Sort through the material below and copy each line with "CHAIR".
Supplied data Start Marker
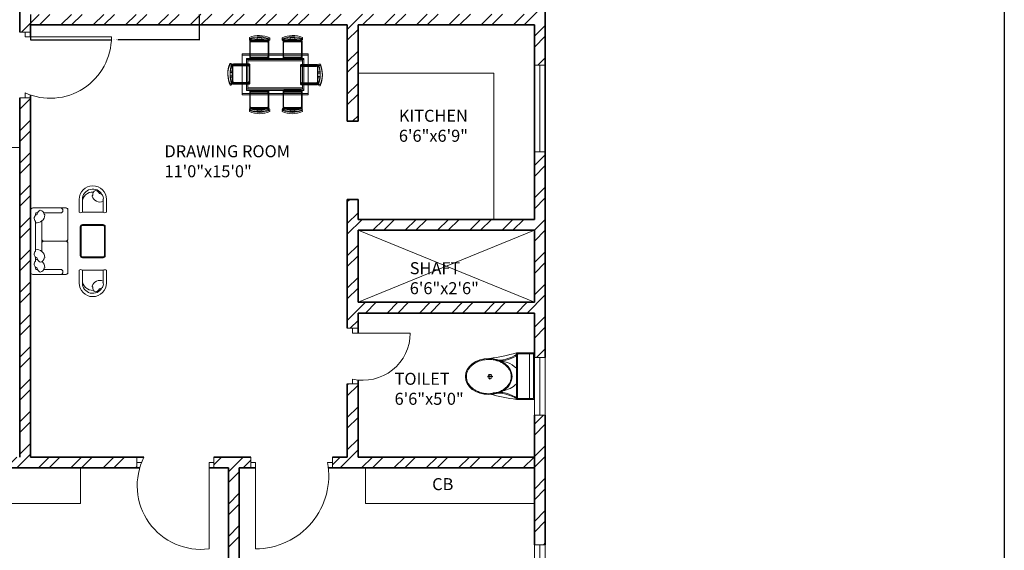
# Model space of a CAD drawing. Units: inches. Extents: x 2168 to 3056, y 1130 to 2629.
# Tile 6 of 42: x 2645 to 3056, y 1568 to 1789. Entities that reach past the tile are written whole.
import ezdxf

# ---------------------------------------------------------------- set-up
doc = ezdxf.new("R2010")
doc.units = ezdxf.units.IN
for name, color, linetype, lineweight in [('A-ANNO-DIMS', 2, 'Continuous', 18), ('A-ANNO-TEXT', 7, 'Continuous', 18), ('A-ANNO-TTLB', 7, 'Continuous', 25), ('A-AREA-IDEN', 7, 'Continuous', 18), ('A-DOOR', 21, 'Continuous', 18), ('A-FLOR-CASE', 71, 'Continuous', 18), ('A-FLOR-FIXT', 9, 'Continuous', 18), ('A-FLOR-OTLN', 7, 'Continuous', 18), ('A-FLOR-STRS', 71, 'Continuous', 18), ('A-FURN', 8, 'Continuous', 13), ('A-GLAZ', 201, 'Continuous', 18), ('A-WALL', 7, 'Continuous', 35)]:
    doc.layers.add(name, color=color, linetype=linetype, lineweight=lineweight)
doc.layers.add('A-WALL-PATT', color=143, linetype='Continuous', lineweight=13, true_color=0x7aafdf)
doc.styles.get("Standard").update_dxf_attribs({"font": 'arial.ttf'})
doc.dimstyles.get("Standard").update_dxf_attribs({"dimtxt": 0.18, "dimasz": 0.18, "dimexe": 0.18, "dimexo": 0.0625, "dimgap": 0.09, "dimtad": 0, "dimtih": 1, "dimtoh": 1, "dimdec": 4, "dimzin": 0, "dimdsep": 46, "dimtxsty": 'Standard', "dimcen": 0.09, "dimadec": 0, "dimazin": 0, "dimtfac": 1, "dimtdec": 4, "dimtofl": 0, "dimtmove": 0, "dimatfit": 3, "dimfxl": 1, "dimtolj": 1, "dimtzin": 0, "dimarcsym": 0})

# ---------------------------------------------------------------- blocks, each defined once
blk = doc.blocks.new('A$C31115884')
for p, q in [((283, 498), (223, 498)), ((258, 466), (258, 523)), ((0, 200), (0, 0)), ((520, 200), (0, 200)), ((10, 190), (10, 10)), ((510, 190), (10, 190)), ((510, 10), (510, 190)), ((520, 0), (520, 200)), ((510, 54), (0, 54)), ((10, 10), (510, 10)), ((0, 0), (520, 0))]:
    blk.add_line(p, q)
blk.add_circle((256, 496), 23.6)
for centre, radius, start, end in [((2778, -205), 2807, 165.4549, 171.7133), ((-295, 403), 365, 324.2091, 9.3499), ((-295, 403), 375, 324.2091, 9.3499), ((806, 403), 365, 170.6501, 215.7909), ((3237, 905), 2807, 188.2867, 194.5451), ((384, 406), 293, 190.2774, 224.1564), ((139, 406), 293, 315.8436, 2.6563), ((806, 403), 375, 179.2036, 215.7909)]:
    blk.add_arc(centre, radius, start, end)
blk.add_ellipse((256, 510), major_axis=(0, -261), ratio=0.772727)
blk.add_open_spline([(256, 259), (263, 259), (270, 260), (288, 262), (299, 265), (320, 273), (330, 278), (350, 291), (360, 299), (378, 316), (386, 326), (402, 347), (409, 358), (421, 383), (427, 395), (436, 422), (440, 436), (445, 465), (447, 480), (448, 509), (448, 524), (445, 553), (443, 568), (436, 596), (432, 610), (422, 636), (416, 649), (402, 672), (395, 683), (379, 703), (370, 712), (351, 728), (341, 735), (321, 746), (310, 751), (289, 757), (278, 759), (256, 761), (245, 761), (223, 757), (212, 754), (191, 746), (181, 741), (161, 728), (151, 720), (133, 703), (125, 693), (110, 672), (103, 660), (90, 636), (85, 623), (76, 596), (72, 582), (67, 553), (66, 538), (64, 509), (65, 494), (68, 465), (70, 450), (77, 422), (81, 408), (91, 382), (97, 370), (111, 346), (118, 335), (135, 316), (144, 307), (162, 291), (172, 284), (193, 273), (203, 269), (225, 262), (236, 260), (250, 259), (253, 259), (256, 259)], degree=3, knots=[0, 0, 0, 0, 0.110105, 0.110105, 0.285049, 0.285049, 0.459994, 0.459994, 0.634938, 0.634938, 0.809882, 0.809882, 0.984827, 0.984827, 1.159771, 1.159771, 1.334715, 1.334715, 1.50966, 1.50966, 1.684604, 1.684604, 1.859549, 1.859549, 2.034493, 2.034493, 2.209437, 2.209437, 2.384382, 2.384382, 2.559326, 2.559326, 2.73427, 2.73427, 2.909215, 2.909215, 3.084159, 3.084159, 3.259103, 3.259103, 3.434048, 3.434048, 3.608992, 3.608992, 3.783936, 3.783936, 3.958881, 3.958881, 4.133825, 4.133825, 4.30877, 4.30877, 4.483714, 4.483714, 4.658658, 4.658658, 4.833603, 4.833603, 5.008547, 5.008547, 5.183491, 5.183491, 5.358436, 5.358436, 5.53338, 5.53338, 5.708324, 5.708324, 5.883269, 5.883269, 6.058213, 6.058213, 6.233158, 6.233158, 6.283185, 6.283185, 6.283185, 6.283185])
blk = doc.blocks.new('A$C1352')
at = {"color": 0}
for points in [[(0.003, 0.053), (0.003, 0.553, -0.414214), (0.053, 0.603), (0.753, 0.603, -0.414214), (0.803, 0.553), (0.803, 0.053, -0.414214), (0.753, 0.003), (0.053, 0.003, -0.414214)], [(0.023, 0.053), (0.023, 0.553, -0.414214), (0.053, 0.583), (0.753, 0.583, -0.414214), (0.783, 0.553), (0.783, 0.053, -0.414214), (0.753, 0.023), (0.053, 0.023, -0.414214)]]:
    blk.add_lwpolyline(points, format="xyb", close=True, dxfattribs=at)
blk = doc.blocks.new('CHAIR-LOUNGE')
blk.add_line((10.04, 5.71), (10.04, 10.98))
at = {"ltscale": 0.03}
blk.add_lwpolyline([(10.04, 10.98, -0.369229), (11.42, 10.98), (11.42, 5.7, -1), (0, 5.72), (0, 10.99, -0.369229), (1.39, 10.99)], format="xyb", close=True, dxfattribs=at)
blk.add_lwpolyline([(9.55, 3.71, -0.785087), (1.38, 5.71), (1.39, 10.99)], format="xyb")
for centre, radius, start, end in [((5.71, 6.93), 4.33, 179.9461, 273.658), ((5.63, 4.23), 0.207, 150.6238, 293.7423), ((8.67, 3.43), 3.35, 67.0143, 164.2857), ((8.41, 5.02), 1.73, 272.9922, 34.1401), ((5.71, 5.71), 4.33, 358.8536, 359.9461), ((7.44, 3.63), 1.78, 166.6403, 249.4695), ((6.65, 3.91), 1.95, 274.9999, 341.3534)]:
    blk.add_arc(centre, radius, start, end)
blk = doc.blocks.new('TABLE-DINING')
for points in [[(0, 17.02), (27.45, 17.02), (27.45, 0.55), (0, 0.55)], [(0, 17.02), (27.45, 17.02), (27.45, 0.55), (0, 0.55)], [(0, 16.47), (27.45, 16.47), (27.45, 0), (0, 0)], [(0, 16.47), (27.45, 16.47), (27.45, 0), (0, 0)], [(1.83, 15.19), (25.62, 15.19), (25.62, 2.38), (1.83, 2.38)], [(1.83, 15.19), (25.62, 15.19), (25.62, 2.38), (1.83, 2.38)], [(1.83, 14.64), (25.62, 14.64), (25.62, 1.83), (1.83, 1.83)], [(1.83, 14.64), (25.62, 14.64), (25.62, 1.83), (1.83, 1.83)], [(2.38, 14.64), (25.07, 14.64), (25.07, 2.93), (2.38, 2.93)], [(2.38, 14.64), (25.07, 14.64), (25.07, 2.93), (2.38, 2.93)], [(2.38, 14.09), (25.07, 14.09), (25.07, 2.38), (2.38, 2.38)], [(2.38, 14.09), (25.07, 14.09), (25.07, 2.38), (2.38, 2.38)]]:
    blk.add_lwpolyline(points, close=True)
blk = doc.blocks.new('CUPBOARD-BEDROOM')
blk.add_lwpolyline([(0, 14.89), (70.36, 14.89), (70.36, 0), (0, 0)], close=True)
blk = doc.blocks.new('CHAIR-DINING-SIDE')
for points in [[(7.85, 2.38, 0.414214), (8.33, 2.86), (8.33, 9.24, 0.414214), (7.85, 9.73), (0.91, 9.73, 0.414214), (0.42, 9.24), (0.42, 2.86, 0.414214), (0.91, 2.38), (7.85, 2.38)], [(7.85, 2.38, 0.414214), (8.33, 2.86), (8.33, 9.24, 0.414214), (7.85, 9.73), (0.91, 9.73, 0.414214), (0.42, 9.24), (0.42, 2.86, 0.414214), (0.91, 2.38), (7.85, 2.38)], [(7.85, 1.83, 0.414214), (8.33, 2.31), (8.33, 8.69, 0.414214), (7.85, 9.18), (0.91, 9.18, 0.414214), (0.42, 8.69), (0.42, 2.31, 0.414214), (0.91, 1.83), (7.85, 1.83)], [(7.85, 1.83, 0.414214), (8.33, 2.31), (8.33, 8.69, 0.414214), (7.85, 9.18), (0.91, 9.18, 0.414214), (0.42, 8.69), (0.42, 2.31, 0.414214), (0.91, 1.83), (7.85, 1.83)], [(8.06, 2.08, -0.175809), (0.59, 2.13, 0.578392), (0.02, 1.51, 0.214524), (8.46, 1.4, 0.552014), (8.06, 2.08, -0.065079)], [(8.06, 2.08, -0.175809), (0.59, 2.13, 0.578392), (0.02, 1.51, 0.214524), (8.46, 1.4, 0.552014), (8.06, 2.08, -0.065079)], [(8.06, 1.53, -0.175809), (0.59, 1.58, 0.578392), (0.02, 0.96, 0.214524), (8.46, 0.85, 0.552014), (8.06, 1.53, -0.065079)], [(8.06, 1.53, -0.175809), (0.59, 1.58, 0.578392), (0.02, 0.96, 0.214524), (8.46, 0.85, 0.552014), (8.06, 1.53, -0.065079)], [(3.34, 2.38), (3.34, 1.5, -0.064759)], [(3.34, 2.38), (3.34, 1.5, -0.064759)], [(3.34, 1.83), (3.34, 0.95, -0.064759)], [(3.34, 1.83), (3.34, 0.95, -0.064759)]]:
    blk.add_lwpolyline(points, format="xyb")
for points in [[(7.84, 2.6), (1.13, 2.6, -0.414214), (0.64, 3.08), (0.64, 9.02, -0.414214), (1.13, 9.51), (7.84, 9.51, -0.512069), (8.11, 9.02), (8.11, 3.08, -0.512069)], [(7.84, 2.6), (1.13, 2.6, -0.414214), (0.64, 3.08), (0.64, 9.02, -0.414214), (1.13, 9.51), (7.84, 9.51, -0.512069), (8.11, 9.02), (8.11, 3.08, -0.512069)], [(7.84, 2.05), (1.13, 2.05, -0.414214), (0.64, 2.53), (0.64, 8.48, -0.414214), (1.13, 8.96), (7.84, 8.96, -0.512069), (8.11, 8.48), (8.11, 2.53, -0.512069)], [(7.84, 2.05), (1.13, 2.05, -0.414214), (0.64, 2.53), (0.64, 8.48, -0.414214), (1.13, 8.96), (7.84, 8.96, -0.512069), (8.11, 8.48), (8.11, 2.53, -0.512069)]]:
    blk.add_lwpolyline(points, format="xyb", close=True)
for points in [[(5.29, 1.48), (5.29, 2.38)], [(5.29, 1.48), (5.29, 2.38)], [(5.29, 0.93), (5.29, 1.83)], [(5.29, 0.93), (5.29, 1.83)]]:
    blk.add_lwpolyline(points)
blk = doc.blocks.new('CHAIR-DINING-END')
for points in [[(1.58, 1.14, -0.578392), (0.96, 0.57, -0.214524), (0.85, 9.01, -0.552014), (1.53, 8.61, 0.175809), (1.58, 1.14)], [(1.58, 1.14, -0.578392), (0.96, 0.57, -0.214524), (0.85, 9.01, -0.552014), (1.53, 8.61, 0.175809), (1.58, 1.14)], [(1.58, 0.59, -0.578392), (0.96, 0.02, -0.214524), (0.85, 8.46, -0.552014), (1.53, 8.06, 0.175809), (1.58, 0.59)], [(1.58, 0.59, -0.578392), (0.96, 0.02, -0.214524), (0.85, 8.46, -0.552014), (1.53, 8.06, 0.175809), (1.58, 0.59)], [(1.83, 8.39, -0.414214), (2.31, 8.88), (8.69, 8.88, -0.414214), (9.18, 8.39), (9.18, 1.45, -0.414214), (8.69, 0.97), (2.31, 0.97, -0.414214), (1.83, 1.45), (1.83, 8.39)], [(1.83, 8.39, -0.414214), (2.31, 8.88), (8.69, 8.88, -0.414214), (9.18, 8.39), (9.18, 1.45, -0.414214), (8.69, 0.97), (2.31, 0.97, -0.414214), (1.83, 1.45), (1.83, 8.39)], [(1.83, 7.85, -0.414214), (2.31, 8.33), (8.69, 8.33, -0.414214), (9.18, 7.85), (9.18, 0.91, -0.414214), (8.69, 0.42), (2.31, 0.42, -0.414214), (1.83, 0.91), (1.83, 7.85)], [(1.83, 7.85, -0.414214), (2.31, 8.33), (8.69, 8.33, -0.414214), (9.18, 7.85), (9.18, 0.91, -0.414214), (8.69, 0.42), (2.31, 0.42, -0.414214), (1.83, 0.91), (1.83, 7.85)], [(1.83, 3.89), (0.95, 3.89, 0.064759)], [(1.83, 3.89), (0.95, 3.89, 0.064759)], [(1.83, 3.34), (0.95, 3.34, 0.064759)], [(1.83, 3.34), (0.95, 3.34, 0.064759)]]:
    blk.add_lwpolyline(points, format="xyb")
for points in [[(2.05, 8.39), (2.05, 1.67, 0.414214), (2.53, 1.19), (8.48, 1.19, 0.414214), (8.96, 1.67), (8.96, 8.39, 0.512069), (8.48, 8.66), (2.53, 8.66, 0.512069)], [(2.05, 8.39), (2.05, 1.67, 0.414214), (2.53, 1.19), (8.48, 1.19, 0.414214), (8.96, 1.67), (8.96, 8.39, 0.512069), (8.48, 8.66), (2.53, 8.66, 0.512069)], [(2.05, 7.84), (2.05, 1.12, 0.414214), (2.53, 0.64), (8.48, 0.64, 0.414214), (8.96, 1.12), (8.96, 7.84, 0.512069), (8.48, 8.11), (2.53, 8.11, 0.512069)], [(2.05, 7.84), (2.05, 1.12, 0.414214), (2.53, 0.64), (8.48, 0.64, 0.414214), (8.96, 1.12), (8.96, 7.84, 0.512069), (8.48, 8.11), (2.53, 8.11, 0.512069)]]:
    blk.add_lwpolyline(points, format="xyb", close=True)
for points in [[(0.93, 5.84), (1.83, 5.84)], [(0.93, 5.83), (1.83, 5.83)], [(0.93, 5.29), (1.83, 5.29)], [(0.93, 5.29), (1.83, 5.29)]]:
    blk.add_lwpolyline(points)
blk = doc.blocks.new('WIN-24-OPPOSED-JAMBS')
for p, q in [((0, 4.5), (0, 0)), ((0, 4.5), (24, 4.5)), ((24, 2.25), (24, 4.5)), ((24, 4.5), (24, 0)), ((0, 0), (0, 2.25)), ((0, 2.25), (24, 2.25)), ((0, 0), (24, 0))]:
    blk.add_line(p, q)
blk = doc.blocks.new('WIN-60-OPPOSED-JAMBS')
for p, q in [((2.25, 60), (0, 60)), ((0, 60), (4.5, 60)), ((0, 60), (0, 0)), ((2.25, 0), (2.25, 60)), ((4.5, 60), (4.5, 0)), ((0, 0), (4.5, 0)), ((4.5, 0), (2.25, 0))]:
    blk.add_line(p, q)
blk = doc.blocks.new('*D18')
at = {"layer": 'A-ANNO-DIMS', "color": 0, "lineweight": -2, "transparency": 16777216}
for p, q in [((2649.8, 1791.2), (2649.8, 1780.53)), ((2720.15, 1791.2), (2720.15, 1780.53)), ((2649.98, 1780.71), (2683.7, 1780.71)), ((2719.97, 1780.71), (2686.25, 1780.71))]:
    blk.add_line(p, q, dxfattribs=at)
at = {"layer": 'A-ANNO-DIMS', "color": 0, "transparency": 16777216}
for points in [[(2649.98, 1780.74), (2649.98, 1780.68), (2649.8, 1780.71)], [(2719.97, 1780.74), (2719.97, 1780.68), (2720.15, 1780.71)]]:
    blk.add_solid(points, dxfattribs=at)
at = {"layer": 'Defpoints', "color": 0, "transparency": 16777216}
for p in [(2649.8, 1791.27), (2720.15, 1791.27), (2720.15, 1780.71)]:
    blk.add_point(p, dxfattribs=at)
at = {"layer": 'A-ANNO-DIMS', "color": 0, "transparency": 16777216, "insert": (2684.98, 1780.71), "char_height": 0.18, "attachment_point": 5}
blk.add_mtext('\\A1;CUPBOARD 70 TYP.', dxfattribs=at)

msp = doc.modelspace()

# ---------------------------------------------------------------- hatches: boundary and pattern name
at = {"layer": 'A-WALL-PATT'}
h = msp.add_hatch(dxfattribs=at)
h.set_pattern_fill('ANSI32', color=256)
Supplied data End Marker
Written reply:
blk = doc.blocks.new('CHAIR-LOUNGE')
blk = doc.blocks.new('CHAIR-DINING-SIDE')
blk = doc.blocks.new('CHAIR-DINING-END')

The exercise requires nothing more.